- **WHAT TO DO**: Below are records; copy every line among them that contains the word "project".

- **ENTRIES SUPPLIED**:
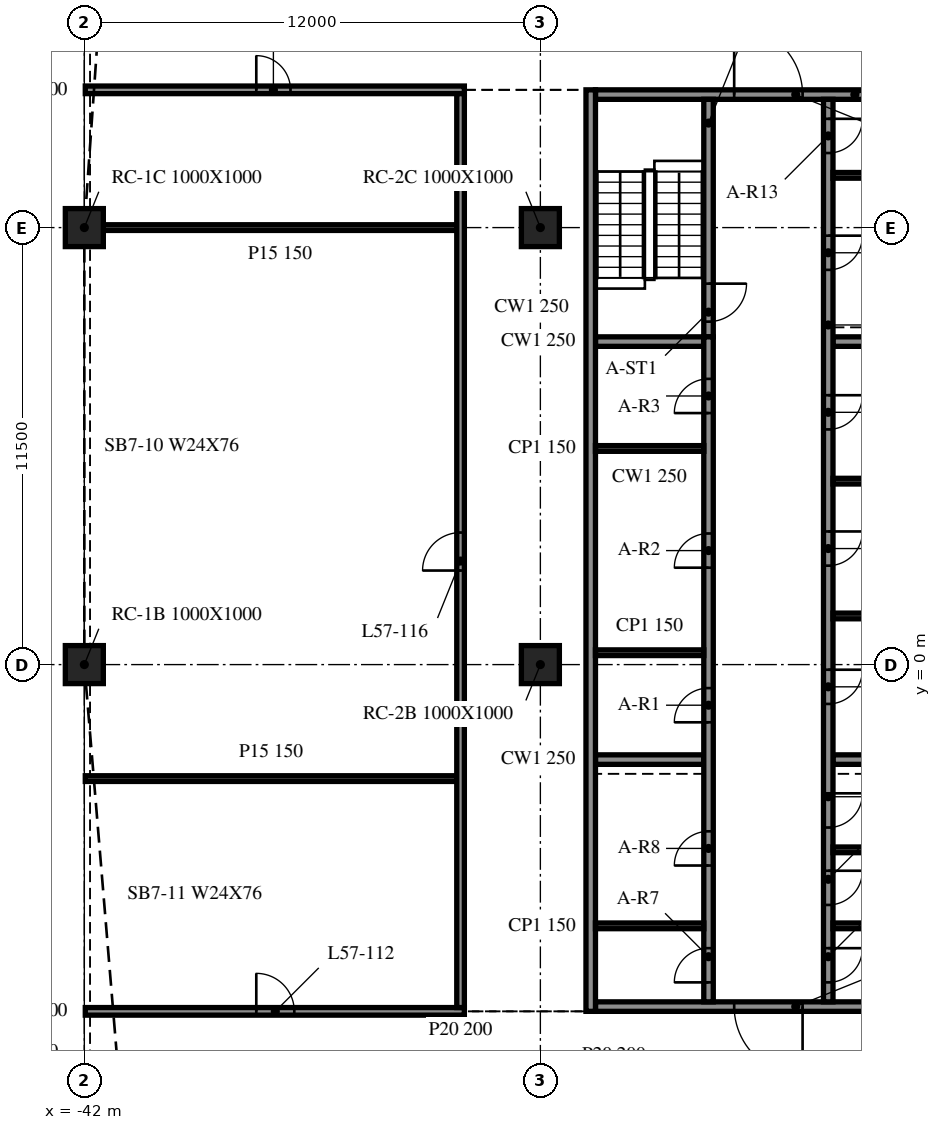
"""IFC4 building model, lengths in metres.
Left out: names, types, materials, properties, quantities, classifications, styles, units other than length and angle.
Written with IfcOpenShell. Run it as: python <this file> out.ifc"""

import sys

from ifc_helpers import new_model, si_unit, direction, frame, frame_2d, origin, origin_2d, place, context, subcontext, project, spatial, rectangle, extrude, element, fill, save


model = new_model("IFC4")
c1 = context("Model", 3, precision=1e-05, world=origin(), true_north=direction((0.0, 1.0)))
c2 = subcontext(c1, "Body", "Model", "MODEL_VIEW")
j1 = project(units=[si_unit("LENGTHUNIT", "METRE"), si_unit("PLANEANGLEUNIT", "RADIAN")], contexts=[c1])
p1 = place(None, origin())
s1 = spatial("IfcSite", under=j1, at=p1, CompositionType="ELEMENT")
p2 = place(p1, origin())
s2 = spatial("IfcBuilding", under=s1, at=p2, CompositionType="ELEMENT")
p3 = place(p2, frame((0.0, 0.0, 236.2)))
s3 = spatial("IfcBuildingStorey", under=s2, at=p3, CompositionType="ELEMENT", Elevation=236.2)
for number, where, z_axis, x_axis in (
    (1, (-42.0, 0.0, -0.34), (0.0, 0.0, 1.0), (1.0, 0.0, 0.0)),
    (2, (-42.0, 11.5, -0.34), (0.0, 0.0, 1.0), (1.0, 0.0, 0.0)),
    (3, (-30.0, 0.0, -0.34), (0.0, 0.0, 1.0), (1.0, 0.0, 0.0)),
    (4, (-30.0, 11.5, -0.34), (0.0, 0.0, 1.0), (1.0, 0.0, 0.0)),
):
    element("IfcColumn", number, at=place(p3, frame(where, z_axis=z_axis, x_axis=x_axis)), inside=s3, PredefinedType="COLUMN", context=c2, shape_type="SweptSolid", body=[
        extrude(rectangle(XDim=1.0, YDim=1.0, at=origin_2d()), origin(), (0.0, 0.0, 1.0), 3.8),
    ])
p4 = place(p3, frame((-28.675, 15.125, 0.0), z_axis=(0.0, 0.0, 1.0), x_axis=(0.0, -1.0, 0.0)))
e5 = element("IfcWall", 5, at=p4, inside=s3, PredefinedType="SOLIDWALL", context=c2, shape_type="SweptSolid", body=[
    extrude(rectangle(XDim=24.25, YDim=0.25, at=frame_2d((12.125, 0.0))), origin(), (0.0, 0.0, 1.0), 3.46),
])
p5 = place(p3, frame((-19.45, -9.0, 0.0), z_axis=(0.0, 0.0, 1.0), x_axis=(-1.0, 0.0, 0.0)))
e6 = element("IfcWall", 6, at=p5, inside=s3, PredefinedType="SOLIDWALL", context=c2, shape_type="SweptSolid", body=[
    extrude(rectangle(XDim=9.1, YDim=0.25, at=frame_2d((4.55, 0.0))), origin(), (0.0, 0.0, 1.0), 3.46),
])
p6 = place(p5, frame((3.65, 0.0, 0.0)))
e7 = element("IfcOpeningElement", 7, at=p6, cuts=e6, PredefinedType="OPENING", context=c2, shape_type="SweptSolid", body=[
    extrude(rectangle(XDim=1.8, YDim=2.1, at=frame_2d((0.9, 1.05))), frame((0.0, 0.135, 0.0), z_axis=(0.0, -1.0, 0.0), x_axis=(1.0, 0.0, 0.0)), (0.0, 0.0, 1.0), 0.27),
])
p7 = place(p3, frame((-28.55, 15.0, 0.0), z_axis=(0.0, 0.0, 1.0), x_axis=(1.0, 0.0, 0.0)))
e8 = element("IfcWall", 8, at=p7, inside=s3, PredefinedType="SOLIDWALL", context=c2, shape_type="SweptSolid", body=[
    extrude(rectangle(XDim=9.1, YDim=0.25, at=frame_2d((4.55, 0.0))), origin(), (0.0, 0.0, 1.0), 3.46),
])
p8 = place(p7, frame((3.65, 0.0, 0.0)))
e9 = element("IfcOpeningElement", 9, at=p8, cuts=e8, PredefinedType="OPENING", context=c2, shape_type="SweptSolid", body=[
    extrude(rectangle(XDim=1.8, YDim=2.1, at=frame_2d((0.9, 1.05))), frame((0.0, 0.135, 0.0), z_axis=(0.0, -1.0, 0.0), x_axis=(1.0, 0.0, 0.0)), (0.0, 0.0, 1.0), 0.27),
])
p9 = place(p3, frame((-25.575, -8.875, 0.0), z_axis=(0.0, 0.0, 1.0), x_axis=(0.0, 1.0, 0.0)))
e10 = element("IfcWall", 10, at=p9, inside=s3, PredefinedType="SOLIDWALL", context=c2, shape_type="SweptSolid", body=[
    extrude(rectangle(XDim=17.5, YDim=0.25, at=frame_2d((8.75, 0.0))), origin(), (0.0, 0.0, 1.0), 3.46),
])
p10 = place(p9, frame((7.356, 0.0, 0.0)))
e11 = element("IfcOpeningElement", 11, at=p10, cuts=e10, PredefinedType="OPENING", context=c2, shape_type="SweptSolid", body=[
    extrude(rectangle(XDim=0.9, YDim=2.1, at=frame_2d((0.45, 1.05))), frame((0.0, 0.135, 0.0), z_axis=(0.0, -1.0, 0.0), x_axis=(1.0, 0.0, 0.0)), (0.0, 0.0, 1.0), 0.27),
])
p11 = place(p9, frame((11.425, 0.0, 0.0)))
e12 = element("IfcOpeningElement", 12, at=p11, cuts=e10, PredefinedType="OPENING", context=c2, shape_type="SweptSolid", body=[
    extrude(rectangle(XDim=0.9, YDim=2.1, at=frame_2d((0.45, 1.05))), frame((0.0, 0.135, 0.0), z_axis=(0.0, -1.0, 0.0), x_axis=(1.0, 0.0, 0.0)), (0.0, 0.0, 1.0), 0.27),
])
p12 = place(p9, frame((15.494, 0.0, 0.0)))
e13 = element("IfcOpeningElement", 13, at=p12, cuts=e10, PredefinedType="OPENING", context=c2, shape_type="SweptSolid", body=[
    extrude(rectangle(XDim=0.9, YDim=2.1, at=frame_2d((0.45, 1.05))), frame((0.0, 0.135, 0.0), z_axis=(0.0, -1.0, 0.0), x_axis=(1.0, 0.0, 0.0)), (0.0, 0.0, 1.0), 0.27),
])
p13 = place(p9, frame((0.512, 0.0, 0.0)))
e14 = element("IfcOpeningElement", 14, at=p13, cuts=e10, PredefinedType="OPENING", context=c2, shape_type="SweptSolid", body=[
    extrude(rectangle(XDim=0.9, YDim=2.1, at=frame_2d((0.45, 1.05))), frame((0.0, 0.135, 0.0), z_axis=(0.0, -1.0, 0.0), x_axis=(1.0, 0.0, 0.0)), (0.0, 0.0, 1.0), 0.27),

- **RESPONSE TO THIS TASK**:
from ifc_helpers import new_model, si_unit, direction, frame, frame_2d, origin, origin_2d, place, context, subcontext, project, spatial, rectangle, extrude, element, fill, save
j1 = project(units=[si_unit("LENGTHUNIT", "METRE"), si_unit("PLANEANGLEUNIT", "RADIAN")], contexts=[c1])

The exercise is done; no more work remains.